(Records drawn from a dataset)
===============

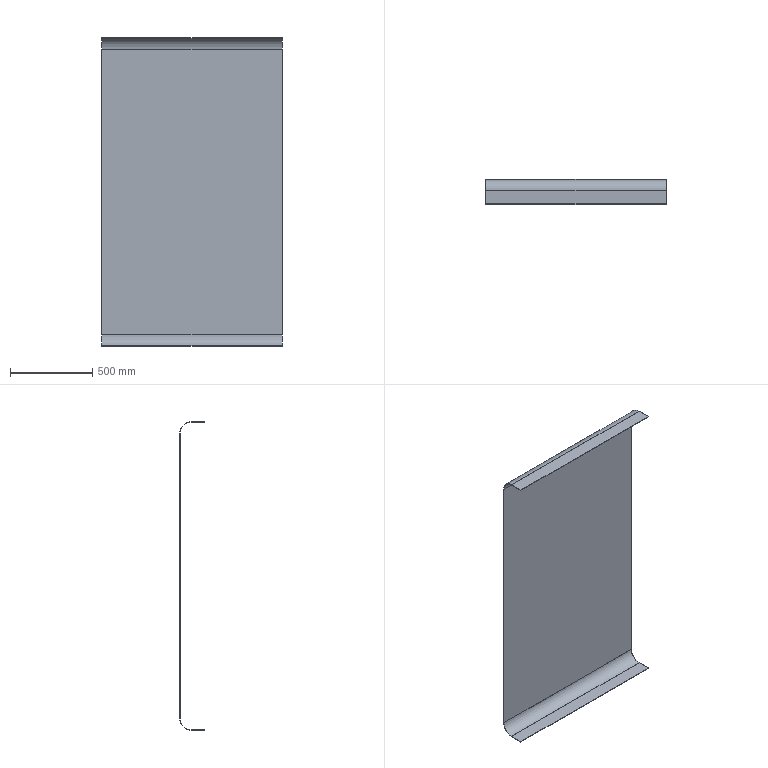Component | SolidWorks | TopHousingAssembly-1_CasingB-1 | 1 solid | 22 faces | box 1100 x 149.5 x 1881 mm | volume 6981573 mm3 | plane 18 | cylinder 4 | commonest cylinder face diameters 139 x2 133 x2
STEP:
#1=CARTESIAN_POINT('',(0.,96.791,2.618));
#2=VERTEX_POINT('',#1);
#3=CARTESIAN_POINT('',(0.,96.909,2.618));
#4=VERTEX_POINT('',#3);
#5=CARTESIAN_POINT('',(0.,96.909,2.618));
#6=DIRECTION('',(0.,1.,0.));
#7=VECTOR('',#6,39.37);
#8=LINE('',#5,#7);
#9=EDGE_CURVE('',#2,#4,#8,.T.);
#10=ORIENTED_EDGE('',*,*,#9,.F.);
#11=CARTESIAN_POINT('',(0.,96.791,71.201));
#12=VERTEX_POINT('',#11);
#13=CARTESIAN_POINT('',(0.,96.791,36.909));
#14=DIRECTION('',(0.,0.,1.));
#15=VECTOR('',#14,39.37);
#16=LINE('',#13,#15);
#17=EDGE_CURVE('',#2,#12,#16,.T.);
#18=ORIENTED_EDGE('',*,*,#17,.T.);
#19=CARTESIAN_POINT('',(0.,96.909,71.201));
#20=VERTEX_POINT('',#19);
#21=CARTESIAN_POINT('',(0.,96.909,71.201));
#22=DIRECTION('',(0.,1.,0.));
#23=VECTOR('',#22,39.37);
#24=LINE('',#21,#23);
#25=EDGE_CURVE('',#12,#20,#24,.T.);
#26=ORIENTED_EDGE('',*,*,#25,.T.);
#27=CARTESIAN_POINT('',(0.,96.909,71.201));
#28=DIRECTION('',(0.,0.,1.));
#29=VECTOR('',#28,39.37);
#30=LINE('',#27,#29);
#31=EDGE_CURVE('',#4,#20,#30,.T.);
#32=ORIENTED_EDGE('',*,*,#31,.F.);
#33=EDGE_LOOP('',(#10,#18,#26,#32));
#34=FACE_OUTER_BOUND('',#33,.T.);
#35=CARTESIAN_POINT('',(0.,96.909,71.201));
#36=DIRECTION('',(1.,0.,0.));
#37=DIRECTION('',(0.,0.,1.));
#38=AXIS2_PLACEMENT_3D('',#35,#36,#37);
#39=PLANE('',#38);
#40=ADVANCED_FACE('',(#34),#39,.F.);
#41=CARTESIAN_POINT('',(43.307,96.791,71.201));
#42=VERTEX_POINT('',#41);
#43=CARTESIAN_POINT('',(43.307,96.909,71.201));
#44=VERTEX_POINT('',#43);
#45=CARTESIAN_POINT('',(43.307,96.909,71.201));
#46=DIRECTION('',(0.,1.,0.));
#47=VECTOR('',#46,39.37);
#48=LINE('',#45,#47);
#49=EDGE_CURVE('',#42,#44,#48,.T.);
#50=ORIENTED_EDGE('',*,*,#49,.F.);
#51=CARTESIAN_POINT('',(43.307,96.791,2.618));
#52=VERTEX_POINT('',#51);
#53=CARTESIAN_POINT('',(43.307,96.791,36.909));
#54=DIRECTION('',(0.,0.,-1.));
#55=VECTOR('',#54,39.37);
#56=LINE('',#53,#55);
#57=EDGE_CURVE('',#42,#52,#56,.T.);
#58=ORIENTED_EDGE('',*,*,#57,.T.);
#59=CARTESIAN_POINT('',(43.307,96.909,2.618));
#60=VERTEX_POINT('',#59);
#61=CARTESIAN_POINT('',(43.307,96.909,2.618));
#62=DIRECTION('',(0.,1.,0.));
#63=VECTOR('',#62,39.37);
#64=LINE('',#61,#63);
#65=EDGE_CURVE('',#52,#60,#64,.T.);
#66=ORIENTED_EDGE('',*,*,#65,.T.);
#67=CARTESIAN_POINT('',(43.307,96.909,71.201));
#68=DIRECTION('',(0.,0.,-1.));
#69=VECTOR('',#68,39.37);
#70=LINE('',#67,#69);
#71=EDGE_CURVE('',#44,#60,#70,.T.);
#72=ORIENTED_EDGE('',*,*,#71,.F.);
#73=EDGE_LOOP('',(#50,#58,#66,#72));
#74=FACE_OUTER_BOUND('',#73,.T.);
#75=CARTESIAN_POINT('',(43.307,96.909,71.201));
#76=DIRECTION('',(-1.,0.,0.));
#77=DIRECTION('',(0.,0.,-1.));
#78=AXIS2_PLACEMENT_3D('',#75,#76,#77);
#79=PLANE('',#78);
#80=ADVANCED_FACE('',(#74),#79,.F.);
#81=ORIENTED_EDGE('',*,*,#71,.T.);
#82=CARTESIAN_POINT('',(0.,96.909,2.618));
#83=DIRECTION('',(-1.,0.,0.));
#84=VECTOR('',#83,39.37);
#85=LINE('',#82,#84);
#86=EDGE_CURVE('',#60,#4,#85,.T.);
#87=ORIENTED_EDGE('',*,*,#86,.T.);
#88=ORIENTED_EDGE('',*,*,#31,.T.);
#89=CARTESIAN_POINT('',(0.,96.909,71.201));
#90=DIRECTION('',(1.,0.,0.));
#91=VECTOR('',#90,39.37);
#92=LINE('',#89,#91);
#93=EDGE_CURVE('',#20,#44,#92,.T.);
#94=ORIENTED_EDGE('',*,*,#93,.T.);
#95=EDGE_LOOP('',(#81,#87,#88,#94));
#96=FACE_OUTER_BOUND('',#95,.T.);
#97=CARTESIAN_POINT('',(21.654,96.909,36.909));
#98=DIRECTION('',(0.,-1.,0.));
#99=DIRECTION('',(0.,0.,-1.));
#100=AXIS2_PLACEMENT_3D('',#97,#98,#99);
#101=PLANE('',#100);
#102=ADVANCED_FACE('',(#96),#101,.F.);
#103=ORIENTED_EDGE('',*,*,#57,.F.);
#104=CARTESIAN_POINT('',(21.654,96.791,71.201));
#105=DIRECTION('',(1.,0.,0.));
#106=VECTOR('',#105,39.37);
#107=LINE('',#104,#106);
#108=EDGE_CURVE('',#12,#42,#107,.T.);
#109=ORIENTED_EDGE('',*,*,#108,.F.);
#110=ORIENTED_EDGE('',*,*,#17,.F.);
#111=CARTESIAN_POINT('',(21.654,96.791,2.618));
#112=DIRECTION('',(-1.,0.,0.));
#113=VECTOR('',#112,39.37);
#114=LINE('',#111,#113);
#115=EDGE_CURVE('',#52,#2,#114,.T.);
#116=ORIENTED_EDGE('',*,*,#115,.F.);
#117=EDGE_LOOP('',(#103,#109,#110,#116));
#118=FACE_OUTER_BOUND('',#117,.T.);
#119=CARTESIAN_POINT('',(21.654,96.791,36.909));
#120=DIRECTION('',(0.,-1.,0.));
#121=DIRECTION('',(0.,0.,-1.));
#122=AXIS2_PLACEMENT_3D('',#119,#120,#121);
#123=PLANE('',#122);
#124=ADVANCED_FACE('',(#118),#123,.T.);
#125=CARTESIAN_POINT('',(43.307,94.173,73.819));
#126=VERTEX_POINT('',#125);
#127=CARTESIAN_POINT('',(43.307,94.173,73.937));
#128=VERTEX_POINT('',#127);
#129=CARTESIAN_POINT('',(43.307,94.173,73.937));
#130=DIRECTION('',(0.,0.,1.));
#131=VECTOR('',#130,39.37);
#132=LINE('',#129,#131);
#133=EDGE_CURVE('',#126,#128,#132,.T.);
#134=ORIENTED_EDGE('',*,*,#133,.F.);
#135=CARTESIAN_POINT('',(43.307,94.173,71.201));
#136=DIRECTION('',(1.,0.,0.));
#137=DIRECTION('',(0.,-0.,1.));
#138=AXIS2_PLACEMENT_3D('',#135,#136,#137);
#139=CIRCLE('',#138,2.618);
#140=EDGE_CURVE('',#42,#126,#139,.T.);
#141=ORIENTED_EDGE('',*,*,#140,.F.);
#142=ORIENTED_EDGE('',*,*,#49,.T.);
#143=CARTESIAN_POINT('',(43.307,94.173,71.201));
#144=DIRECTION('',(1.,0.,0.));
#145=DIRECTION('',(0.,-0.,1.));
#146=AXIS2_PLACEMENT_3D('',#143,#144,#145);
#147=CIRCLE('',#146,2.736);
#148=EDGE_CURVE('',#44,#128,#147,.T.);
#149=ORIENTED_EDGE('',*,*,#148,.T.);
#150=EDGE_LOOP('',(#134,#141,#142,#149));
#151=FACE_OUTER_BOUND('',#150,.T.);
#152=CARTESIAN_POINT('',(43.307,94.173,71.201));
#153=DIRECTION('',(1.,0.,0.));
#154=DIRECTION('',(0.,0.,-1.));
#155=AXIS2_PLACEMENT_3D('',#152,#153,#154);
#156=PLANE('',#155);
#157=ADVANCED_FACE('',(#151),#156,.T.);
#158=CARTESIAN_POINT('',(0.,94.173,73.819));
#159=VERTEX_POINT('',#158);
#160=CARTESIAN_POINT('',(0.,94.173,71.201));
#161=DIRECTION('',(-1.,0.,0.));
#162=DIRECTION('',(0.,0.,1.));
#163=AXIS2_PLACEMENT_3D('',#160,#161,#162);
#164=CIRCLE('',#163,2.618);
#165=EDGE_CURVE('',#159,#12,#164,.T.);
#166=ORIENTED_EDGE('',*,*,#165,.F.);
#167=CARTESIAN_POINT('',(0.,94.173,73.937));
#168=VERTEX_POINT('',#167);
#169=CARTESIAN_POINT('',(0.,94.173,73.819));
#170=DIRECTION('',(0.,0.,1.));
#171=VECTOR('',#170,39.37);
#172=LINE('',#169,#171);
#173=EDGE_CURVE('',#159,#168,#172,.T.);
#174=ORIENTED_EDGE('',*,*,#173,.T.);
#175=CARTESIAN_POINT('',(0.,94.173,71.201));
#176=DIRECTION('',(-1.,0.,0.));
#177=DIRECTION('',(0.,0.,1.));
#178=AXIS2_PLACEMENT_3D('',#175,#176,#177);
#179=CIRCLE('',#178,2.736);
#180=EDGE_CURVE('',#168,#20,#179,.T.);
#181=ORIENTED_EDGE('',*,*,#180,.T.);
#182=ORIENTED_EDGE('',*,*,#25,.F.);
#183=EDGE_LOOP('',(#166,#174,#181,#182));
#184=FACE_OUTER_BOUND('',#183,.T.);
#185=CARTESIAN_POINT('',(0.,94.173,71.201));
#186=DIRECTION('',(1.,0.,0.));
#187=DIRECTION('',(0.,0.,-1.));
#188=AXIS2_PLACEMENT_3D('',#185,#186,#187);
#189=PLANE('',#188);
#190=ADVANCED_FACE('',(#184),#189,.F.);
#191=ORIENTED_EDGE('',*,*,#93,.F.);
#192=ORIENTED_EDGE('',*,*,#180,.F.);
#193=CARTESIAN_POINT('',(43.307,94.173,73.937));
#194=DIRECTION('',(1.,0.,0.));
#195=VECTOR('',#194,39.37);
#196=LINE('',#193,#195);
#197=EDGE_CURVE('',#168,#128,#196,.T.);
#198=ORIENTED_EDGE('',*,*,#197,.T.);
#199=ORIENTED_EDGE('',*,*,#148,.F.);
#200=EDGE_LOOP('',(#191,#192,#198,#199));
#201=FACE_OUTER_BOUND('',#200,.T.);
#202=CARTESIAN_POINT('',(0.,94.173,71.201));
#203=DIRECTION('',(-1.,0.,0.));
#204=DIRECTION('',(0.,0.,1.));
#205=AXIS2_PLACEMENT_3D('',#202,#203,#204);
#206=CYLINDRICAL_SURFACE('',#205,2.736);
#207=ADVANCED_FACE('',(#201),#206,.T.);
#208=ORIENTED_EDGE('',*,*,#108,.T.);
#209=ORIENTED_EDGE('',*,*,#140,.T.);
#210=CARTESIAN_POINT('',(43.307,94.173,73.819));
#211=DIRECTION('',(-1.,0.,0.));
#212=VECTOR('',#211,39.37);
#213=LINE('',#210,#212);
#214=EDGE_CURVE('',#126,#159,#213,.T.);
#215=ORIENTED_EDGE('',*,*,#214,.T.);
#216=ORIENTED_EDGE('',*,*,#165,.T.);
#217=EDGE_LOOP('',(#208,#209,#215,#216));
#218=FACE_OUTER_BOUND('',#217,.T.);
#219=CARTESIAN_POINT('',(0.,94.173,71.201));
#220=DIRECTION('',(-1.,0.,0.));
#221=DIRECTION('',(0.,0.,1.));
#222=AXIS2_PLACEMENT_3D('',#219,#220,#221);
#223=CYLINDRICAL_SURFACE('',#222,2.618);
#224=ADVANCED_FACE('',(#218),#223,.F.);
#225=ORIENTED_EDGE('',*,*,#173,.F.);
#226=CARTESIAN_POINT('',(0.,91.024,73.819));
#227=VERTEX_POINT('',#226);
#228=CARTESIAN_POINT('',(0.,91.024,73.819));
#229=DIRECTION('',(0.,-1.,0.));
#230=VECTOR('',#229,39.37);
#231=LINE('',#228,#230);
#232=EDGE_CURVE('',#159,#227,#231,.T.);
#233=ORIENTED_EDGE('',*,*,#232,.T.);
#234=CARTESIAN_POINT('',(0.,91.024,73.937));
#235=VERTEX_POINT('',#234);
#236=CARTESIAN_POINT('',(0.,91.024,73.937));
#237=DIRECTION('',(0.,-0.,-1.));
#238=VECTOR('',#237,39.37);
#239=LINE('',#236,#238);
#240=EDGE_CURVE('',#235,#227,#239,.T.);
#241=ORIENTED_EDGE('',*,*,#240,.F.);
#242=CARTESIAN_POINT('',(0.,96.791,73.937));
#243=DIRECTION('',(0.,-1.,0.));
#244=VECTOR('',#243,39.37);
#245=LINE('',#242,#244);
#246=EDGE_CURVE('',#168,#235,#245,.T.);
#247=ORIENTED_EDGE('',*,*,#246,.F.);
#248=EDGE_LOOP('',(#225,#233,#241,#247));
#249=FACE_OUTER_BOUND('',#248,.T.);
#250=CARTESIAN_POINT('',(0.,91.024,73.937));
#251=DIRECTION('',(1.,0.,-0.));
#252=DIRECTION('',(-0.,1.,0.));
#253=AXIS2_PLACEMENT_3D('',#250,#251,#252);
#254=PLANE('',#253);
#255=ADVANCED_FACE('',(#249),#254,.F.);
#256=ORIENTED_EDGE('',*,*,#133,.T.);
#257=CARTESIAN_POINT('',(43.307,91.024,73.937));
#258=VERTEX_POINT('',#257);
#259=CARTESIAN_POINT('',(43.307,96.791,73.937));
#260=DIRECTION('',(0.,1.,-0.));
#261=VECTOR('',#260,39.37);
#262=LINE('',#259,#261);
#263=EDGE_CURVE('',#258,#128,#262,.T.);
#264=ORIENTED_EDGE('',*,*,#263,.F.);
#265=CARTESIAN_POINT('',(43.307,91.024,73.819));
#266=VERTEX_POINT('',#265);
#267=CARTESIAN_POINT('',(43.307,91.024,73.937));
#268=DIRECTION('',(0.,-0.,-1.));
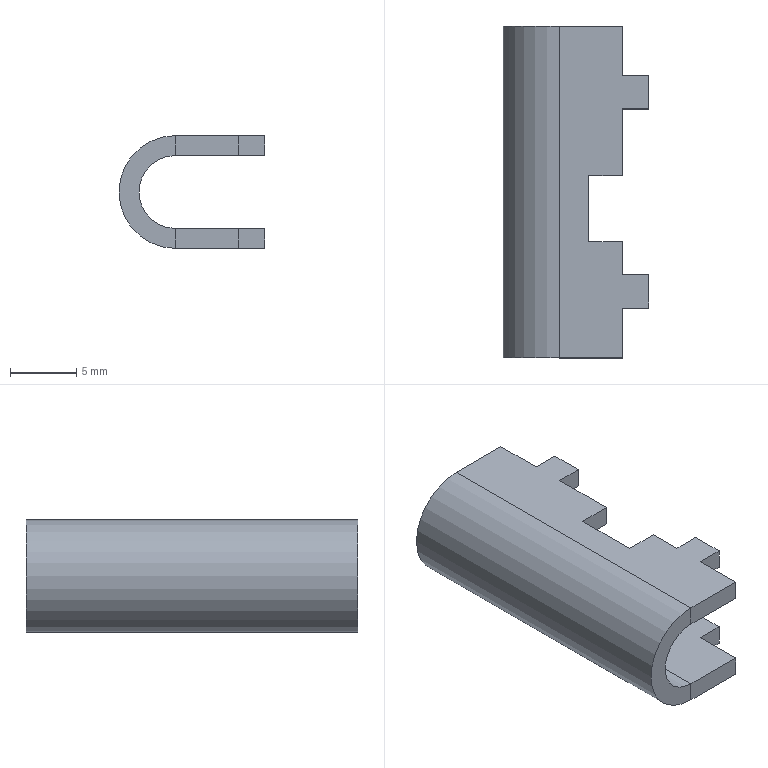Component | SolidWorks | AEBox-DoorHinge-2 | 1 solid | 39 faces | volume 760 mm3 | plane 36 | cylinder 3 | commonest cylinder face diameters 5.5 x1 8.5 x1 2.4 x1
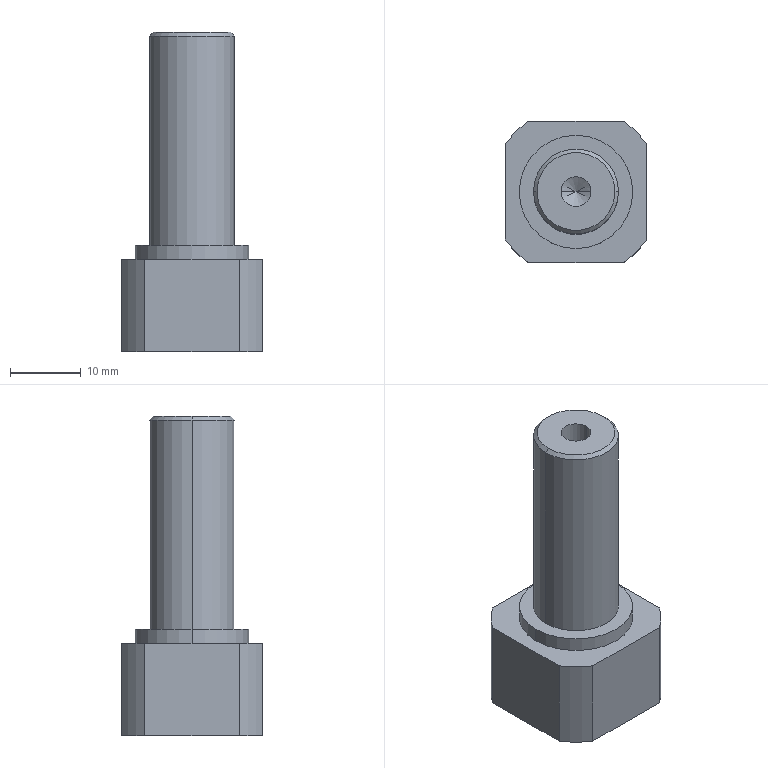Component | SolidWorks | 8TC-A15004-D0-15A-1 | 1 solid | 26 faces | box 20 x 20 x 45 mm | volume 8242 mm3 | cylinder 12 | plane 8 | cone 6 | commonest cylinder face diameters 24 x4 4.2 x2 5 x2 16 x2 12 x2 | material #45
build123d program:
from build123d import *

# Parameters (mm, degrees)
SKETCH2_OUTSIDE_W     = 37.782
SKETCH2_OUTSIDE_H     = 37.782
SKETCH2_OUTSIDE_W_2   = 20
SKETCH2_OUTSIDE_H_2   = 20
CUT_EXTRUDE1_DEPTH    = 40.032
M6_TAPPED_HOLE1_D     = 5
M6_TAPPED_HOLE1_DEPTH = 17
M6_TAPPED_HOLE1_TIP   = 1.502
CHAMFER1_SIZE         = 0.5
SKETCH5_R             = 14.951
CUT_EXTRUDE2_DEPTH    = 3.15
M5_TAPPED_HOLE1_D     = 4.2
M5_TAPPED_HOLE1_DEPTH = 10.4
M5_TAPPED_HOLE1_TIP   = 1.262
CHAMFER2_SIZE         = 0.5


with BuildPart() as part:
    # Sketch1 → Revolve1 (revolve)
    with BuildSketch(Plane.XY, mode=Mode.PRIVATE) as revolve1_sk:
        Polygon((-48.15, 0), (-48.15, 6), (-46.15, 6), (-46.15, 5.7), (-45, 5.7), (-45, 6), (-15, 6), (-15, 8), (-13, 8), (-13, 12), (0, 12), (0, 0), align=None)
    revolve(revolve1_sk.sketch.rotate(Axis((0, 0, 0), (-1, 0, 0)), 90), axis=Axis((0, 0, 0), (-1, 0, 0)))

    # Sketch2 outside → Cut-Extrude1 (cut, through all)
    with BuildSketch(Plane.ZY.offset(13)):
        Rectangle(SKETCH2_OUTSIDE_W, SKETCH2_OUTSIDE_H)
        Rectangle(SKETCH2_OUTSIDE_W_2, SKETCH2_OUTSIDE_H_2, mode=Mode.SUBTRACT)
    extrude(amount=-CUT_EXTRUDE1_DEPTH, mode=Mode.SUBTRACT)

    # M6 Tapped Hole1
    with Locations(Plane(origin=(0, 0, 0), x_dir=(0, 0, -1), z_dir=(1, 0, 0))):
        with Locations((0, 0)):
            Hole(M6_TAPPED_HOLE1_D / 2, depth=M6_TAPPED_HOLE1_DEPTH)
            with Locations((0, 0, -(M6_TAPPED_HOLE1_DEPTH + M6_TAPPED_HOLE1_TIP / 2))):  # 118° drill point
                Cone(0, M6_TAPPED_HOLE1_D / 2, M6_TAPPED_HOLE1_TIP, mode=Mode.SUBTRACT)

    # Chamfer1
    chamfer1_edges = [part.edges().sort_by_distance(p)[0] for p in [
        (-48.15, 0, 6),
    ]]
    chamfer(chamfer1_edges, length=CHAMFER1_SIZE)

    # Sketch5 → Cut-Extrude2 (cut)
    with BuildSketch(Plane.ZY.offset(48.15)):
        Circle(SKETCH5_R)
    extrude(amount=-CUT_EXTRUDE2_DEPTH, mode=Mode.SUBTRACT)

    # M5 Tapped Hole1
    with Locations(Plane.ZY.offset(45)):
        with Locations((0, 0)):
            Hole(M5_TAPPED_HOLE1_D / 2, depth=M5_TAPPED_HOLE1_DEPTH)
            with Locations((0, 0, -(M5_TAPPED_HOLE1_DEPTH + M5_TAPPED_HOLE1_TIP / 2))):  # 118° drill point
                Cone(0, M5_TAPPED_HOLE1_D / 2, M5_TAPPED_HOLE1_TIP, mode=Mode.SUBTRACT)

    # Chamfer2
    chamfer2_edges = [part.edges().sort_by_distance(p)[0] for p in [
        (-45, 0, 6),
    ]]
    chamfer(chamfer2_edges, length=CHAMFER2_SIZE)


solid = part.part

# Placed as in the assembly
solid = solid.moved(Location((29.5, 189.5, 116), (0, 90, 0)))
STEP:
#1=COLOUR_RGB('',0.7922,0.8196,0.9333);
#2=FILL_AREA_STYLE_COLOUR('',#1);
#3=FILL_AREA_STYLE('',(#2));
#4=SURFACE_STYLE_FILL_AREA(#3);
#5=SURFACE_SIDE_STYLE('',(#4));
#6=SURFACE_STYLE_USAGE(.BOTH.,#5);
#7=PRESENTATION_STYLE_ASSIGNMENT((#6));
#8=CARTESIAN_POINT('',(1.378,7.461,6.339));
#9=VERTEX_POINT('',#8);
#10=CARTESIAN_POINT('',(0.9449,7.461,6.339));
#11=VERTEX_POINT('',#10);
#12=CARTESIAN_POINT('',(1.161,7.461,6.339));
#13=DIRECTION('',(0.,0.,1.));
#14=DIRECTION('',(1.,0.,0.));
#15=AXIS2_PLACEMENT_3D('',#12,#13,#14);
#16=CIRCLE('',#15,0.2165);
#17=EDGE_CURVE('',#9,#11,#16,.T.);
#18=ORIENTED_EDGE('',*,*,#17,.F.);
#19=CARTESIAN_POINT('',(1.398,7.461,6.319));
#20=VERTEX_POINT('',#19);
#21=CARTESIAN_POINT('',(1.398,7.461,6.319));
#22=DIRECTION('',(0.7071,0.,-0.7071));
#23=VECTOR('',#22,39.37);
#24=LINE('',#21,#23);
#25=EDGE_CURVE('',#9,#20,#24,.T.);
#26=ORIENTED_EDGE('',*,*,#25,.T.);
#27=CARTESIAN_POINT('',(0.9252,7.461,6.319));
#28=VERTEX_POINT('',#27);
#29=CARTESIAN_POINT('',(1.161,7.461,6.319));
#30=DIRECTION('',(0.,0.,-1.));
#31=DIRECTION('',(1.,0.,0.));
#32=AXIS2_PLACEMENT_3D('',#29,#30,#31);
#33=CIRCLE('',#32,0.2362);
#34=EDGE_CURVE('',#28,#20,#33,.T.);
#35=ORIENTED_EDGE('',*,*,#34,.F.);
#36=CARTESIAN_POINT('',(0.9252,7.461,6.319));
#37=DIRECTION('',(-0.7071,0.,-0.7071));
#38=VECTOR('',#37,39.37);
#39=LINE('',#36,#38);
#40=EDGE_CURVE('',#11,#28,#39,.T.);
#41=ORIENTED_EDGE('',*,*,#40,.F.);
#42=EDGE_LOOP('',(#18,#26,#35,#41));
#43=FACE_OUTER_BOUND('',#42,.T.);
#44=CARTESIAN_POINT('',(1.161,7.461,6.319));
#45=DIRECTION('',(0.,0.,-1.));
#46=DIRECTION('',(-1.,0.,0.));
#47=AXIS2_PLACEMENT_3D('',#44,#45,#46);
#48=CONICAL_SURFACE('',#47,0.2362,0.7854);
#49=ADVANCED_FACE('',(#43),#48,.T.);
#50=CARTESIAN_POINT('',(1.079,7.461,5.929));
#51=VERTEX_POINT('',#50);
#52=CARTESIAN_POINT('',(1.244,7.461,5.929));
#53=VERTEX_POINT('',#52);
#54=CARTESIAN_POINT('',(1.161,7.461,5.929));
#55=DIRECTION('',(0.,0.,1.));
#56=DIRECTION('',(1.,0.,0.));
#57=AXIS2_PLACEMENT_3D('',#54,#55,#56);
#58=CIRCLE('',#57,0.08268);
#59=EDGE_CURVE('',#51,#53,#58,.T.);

===============

* _Work request_
For this exercise, output exactly the lines above from the line with "#29=CARTESIAN_POINT('',(1.161,7.461,6.319));" to the line with "#37=DIRECTION('',(-0.7071,0.,-0.7071));", counting both, and leave out the rest.

* _Answer to this problem_
#29=CARTESIAN_POINT('',(1.161,7.461,6.319));
#30=DIRECTION('',(0.,0.,-1.));
#31=DIRECTION('',(1.,0.,0.));
#32=AXIS2_PLACEMENT_3D('',#29,#30,#31);
#33=CIRCLE('',#32,0.2362);
#34=EDGE_CURVE('',#28,#20,#33,.T.);
#35=ORIENTED_EDGE('',*,*,#34,.F.);
#36=CARTESIAN_POINT('',(0.9252,7.461,6.319));
#37=DIRECTION('',(-0.7071,0.,-0.7071));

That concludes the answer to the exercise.